*Requirement*
Leaving out the pictures, retype the lines from the top of the listing through the line with "world=origin(), true_north=direction((0.0, 1.0)))" exactly.

*Supplied material*
---+---

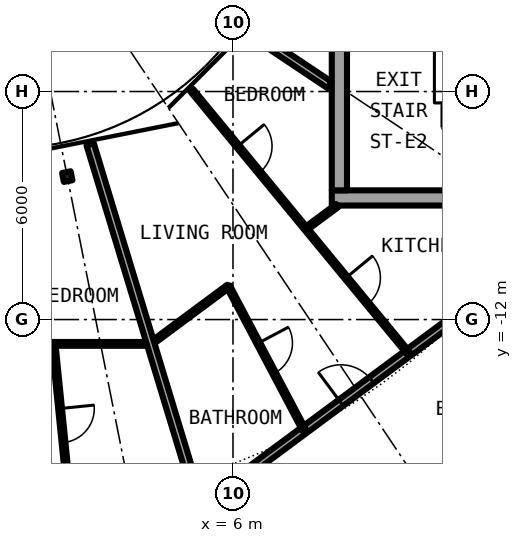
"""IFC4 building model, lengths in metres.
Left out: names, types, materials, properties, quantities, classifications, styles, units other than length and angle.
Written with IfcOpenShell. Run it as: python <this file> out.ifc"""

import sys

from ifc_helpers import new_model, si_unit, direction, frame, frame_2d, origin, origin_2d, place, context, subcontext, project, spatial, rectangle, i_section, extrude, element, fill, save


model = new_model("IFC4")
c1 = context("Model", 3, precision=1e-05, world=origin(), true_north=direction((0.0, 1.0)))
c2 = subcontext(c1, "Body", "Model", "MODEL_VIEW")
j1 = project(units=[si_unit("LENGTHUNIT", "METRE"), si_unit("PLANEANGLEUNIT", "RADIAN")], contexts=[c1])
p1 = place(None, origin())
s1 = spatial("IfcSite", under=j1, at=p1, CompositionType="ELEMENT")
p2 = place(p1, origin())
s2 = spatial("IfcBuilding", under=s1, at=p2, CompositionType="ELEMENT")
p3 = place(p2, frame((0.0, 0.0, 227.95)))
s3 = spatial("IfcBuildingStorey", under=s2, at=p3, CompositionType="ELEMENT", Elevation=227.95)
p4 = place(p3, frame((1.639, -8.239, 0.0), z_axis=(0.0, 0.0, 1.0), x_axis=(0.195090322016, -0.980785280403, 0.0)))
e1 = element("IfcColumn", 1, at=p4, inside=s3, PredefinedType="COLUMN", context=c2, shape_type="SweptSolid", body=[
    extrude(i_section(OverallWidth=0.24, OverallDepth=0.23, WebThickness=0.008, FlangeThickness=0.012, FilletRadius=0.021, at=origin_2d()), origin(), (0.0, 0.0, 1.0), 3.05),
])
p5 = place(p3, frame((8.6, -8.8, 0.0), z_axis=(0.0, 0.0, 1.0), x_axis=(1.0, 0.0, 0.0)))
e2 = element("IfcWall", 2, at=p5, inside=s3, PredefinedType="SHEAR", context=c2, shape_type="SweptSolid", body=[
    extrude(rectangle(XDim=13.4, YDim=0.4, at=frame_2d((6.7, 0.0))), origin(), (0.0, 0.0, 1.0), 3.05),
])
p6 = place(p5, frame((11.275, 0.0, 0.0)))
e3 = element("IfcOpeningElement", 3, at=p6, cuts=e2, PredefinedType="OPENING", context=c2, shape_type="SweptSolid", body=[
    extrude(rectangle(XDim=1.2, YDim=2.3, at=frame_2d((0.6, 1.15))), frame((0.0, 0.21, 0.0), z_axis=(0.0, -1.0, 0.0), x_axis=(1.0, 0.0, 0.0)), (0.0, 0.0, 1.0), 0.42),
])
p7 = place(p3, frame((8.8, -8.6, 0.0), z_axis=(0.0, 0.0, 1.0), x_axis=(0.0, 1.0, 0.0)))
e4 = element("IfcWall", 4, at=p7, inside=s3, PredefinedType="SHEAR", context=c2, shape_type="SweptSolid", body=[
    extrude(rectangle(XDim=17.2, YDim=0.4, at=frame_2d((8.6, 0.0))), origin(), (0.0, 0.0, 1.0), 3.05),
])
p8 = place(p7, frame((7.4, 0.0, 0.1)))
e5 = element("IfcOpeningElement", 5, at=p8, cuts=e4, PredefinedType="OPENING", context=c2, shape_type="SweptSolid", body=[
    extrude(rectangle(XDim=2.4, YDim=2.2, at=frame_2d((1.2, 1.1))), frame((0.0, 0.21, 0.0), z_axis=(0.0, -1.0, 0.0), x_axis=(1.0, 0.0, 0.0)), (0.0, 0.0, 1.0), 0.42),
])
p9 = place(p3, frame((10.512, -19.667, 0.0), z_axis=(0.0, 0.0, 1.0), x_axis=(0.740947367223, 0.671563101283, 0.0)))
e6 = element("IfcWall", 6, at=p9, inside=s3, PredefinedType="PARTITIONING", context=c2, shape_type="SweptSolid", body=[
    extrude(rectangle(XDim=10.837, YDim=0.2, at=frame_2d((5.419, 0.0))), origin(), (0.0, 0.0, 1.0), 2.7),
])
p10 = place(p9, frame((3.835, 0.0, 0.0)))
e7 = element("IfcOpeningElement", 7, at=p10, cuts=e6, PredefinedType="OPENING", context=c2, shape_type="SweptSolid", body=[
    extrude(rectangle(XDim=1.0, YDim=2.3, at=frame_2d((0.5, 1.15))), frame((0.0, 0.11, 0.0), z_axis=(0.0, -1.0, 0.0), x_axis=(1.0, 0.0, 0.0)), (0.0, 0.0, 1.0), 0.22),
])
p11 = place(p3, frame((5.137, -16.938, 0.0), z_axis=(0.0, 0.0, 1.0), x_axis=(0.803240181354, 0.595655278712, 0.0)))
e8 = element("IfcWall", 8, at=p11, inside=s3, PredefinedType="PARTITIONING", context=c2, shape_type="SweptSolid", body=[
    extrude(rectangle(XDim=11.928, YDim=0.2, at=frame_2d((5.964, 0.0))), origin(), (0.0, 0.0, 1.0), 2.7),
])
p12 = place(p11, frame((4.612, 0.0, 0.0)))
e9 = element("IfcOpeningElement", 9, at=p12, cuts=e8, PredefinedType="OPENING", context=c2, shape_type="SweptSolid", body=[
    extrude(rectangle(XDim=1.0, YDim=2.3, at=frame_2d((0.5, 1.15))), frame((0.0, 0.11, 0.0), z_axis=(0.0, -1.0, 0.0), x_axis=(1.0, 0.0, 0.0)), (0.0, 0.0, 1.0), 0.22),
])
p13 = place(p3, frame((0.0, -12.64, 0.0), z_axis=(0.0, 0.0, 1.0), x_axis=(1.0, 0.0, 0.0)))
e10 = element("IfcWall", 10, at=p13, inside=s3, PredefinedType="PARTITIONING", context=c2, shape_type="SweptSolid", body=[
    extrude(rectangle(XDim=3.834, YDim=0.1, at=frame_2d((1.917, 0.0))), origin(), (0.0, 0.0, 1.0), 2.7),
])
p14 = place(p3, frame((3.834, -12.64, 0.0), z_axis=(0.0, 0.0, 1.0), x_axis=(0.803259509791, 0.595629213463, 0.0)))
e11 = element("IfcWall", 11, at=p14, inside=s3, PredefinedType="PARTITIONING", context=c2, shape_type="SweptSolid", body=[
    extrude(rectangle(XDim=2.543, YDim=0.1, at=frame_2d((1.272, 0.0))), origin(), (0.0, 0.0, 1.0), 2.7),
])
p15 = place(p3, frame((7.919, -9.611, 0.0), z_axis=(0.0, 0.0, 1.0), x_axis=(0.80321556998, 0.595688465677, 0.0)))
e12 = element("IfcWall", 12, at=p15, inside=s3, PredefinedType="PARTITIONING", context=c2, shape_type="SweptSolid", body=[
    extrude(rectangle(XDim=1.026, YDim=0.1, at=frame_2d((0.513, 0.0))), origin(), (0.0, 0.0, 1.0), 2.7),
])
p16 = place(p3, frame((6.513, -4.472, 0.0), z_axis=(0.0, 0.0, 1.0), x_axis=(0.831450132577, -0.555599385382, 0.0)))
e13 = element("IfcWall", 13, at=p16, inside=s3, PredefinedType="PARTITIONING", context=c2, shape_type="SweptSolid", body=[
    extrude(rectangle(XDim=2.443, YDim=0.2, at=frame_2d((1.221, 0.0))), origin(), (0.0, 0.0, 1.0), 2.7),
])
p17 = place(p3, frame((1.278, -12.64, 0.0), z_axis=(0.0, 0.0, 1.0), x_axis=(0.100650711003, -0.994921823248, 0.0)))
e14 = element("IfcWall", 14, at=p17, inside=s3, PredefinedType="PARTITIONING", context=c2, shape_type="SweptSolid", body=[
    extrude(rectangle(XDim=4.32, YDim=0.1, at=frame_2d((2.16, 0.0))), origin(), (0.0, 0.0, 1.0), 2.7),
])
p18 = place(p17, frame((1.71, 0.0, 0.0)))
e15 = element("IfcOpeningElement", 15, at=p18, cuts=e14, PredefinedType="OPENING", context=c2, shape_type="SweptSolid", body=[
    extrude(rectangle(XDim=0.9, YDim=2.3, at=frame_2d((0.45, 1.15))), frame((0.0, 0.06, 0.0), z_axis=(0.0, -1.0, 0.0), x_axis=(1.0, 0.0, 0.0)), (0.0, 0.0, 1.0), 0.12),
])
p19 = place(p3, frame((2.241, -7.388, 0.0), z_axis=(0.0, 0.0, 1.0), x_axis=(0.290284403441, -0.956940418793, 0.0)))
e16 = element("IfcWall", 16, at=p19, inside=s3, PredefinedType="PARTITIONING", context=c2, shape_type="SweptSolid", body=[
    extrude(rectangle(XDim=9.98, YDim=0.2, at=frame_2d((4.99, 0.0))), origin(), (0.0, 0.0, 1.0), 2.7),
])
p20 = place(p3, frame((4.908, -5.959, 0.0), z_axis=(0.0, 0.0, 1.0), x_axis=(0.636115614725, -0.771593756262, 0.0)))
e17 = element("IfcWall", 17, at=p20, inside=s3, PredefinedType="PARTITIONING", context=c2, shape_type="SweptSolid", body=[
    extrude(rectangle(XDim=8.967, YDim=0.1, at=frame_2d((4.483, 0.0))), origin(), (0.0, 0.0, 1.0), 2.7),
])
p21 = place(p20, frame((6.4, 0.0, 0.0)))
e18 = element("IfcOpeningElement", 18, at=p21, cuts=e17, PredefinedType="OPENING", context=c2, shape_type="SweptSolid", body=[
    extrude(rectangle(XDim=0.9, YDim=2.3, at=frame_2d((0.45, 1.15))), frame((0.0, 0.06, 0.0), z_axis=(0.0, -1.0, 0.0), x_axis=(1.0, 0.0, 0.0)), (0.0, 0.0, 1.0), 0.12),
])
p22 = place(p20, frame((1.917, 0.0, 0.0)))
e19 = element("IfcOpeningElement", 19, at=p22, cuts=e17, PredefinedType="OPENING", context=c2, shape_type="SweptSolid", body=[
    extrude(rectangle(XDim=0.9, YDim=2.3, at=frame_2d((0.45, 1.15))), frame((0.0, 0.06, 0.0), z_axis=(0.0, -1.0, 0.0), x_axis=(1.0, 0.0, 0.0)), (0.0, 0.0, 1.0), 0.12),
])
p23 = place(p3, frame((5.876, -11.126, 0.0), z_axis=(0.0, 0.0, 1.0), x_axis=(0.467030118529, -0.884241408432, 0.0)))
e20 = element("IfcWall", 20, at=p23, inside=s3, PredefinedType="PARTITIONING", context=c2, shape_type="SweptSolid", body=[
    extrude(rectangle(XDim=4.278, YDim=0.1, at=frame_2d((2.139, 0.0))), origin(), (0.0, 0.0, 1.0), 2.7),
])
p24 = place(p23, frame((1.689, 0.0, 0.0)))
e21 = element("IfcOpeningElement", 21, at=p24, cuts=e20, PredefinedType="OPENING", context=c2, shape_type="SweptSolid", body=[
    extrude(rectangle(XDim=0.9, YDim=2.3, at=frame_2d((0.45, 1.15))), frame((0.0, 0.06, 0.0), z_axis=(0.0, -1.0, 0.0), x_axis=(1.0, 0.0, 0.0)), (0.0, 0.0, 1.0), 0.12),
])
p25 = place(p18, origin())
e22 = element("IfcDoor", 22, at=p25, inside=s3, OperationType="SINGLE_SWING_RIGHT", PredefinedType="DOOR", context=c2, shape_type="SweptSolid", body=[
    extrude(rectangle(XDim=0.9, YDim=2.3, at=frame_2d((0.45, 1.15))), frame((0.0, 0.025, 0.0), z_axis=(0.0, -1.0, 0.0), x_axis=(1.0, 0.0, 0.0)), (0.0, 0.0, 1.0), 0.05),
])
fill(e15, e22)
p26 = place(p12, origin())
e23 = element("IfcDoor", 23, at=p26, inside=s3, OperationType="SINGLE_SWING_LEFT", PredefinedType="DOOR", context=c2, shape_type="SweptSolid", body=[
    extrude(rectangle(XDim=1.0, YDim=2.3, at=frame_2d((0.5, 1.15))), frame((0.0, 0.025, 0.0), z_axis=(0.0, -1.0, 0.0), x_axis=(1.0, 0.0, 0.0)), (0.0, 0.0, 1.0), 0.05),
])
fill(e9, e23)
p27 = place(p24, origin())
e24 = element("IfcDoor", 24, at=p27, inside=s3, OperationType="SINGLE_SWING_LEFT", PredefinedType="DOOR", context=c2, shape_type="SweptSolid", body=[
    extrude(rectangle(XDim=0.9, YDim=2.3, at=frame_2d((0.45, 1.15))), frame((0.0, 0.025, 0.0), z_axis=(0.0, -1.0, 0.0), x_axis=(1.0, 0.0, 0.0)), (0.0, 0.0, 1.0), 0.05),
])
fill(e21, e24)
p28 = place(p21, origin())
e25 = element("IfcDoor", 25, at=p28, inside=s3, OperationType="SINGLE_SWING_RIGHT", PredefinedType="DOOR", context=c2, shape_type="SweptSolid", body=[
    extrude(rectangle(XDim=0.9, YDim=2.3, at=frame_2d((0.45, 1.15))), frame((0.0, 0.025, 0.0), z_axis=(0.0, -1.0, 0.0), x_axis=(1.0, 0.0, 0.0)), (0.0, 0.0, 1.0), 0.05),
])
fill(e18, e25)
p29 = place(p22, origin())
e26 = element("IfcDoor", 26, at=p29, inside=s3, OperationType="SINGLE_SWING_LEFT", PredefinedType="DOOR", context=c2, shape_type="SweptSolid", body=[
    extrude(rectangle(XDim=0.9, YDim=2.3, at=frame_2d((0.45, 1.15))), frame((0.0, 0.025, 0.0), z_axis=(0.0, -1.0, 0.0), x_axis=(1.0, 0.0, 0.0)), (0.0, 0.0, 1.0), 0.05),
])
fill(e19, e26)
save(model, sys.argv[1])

---+---

*Response to the exercise*
"""IFC4 building model, lengths in metres.
Left out: names, types, materials, properties, quantities, classifications, styles, units other than length and angle.
Written with IfcOpenShell. Run it as: python <this file> out.ifc"""

import sys

from ifc_helpers import new_model, si_unit, direction, frame, frame_2d, origin, origin_2d, place, context, subcontext, project, spatial, rectangle, i_section, extrude, element, fill, save


model = new_model("IFC4")
c1 = context("Model", 3, precision=1e-05, world=origin(), true_north=direction((0.0, 1.0)))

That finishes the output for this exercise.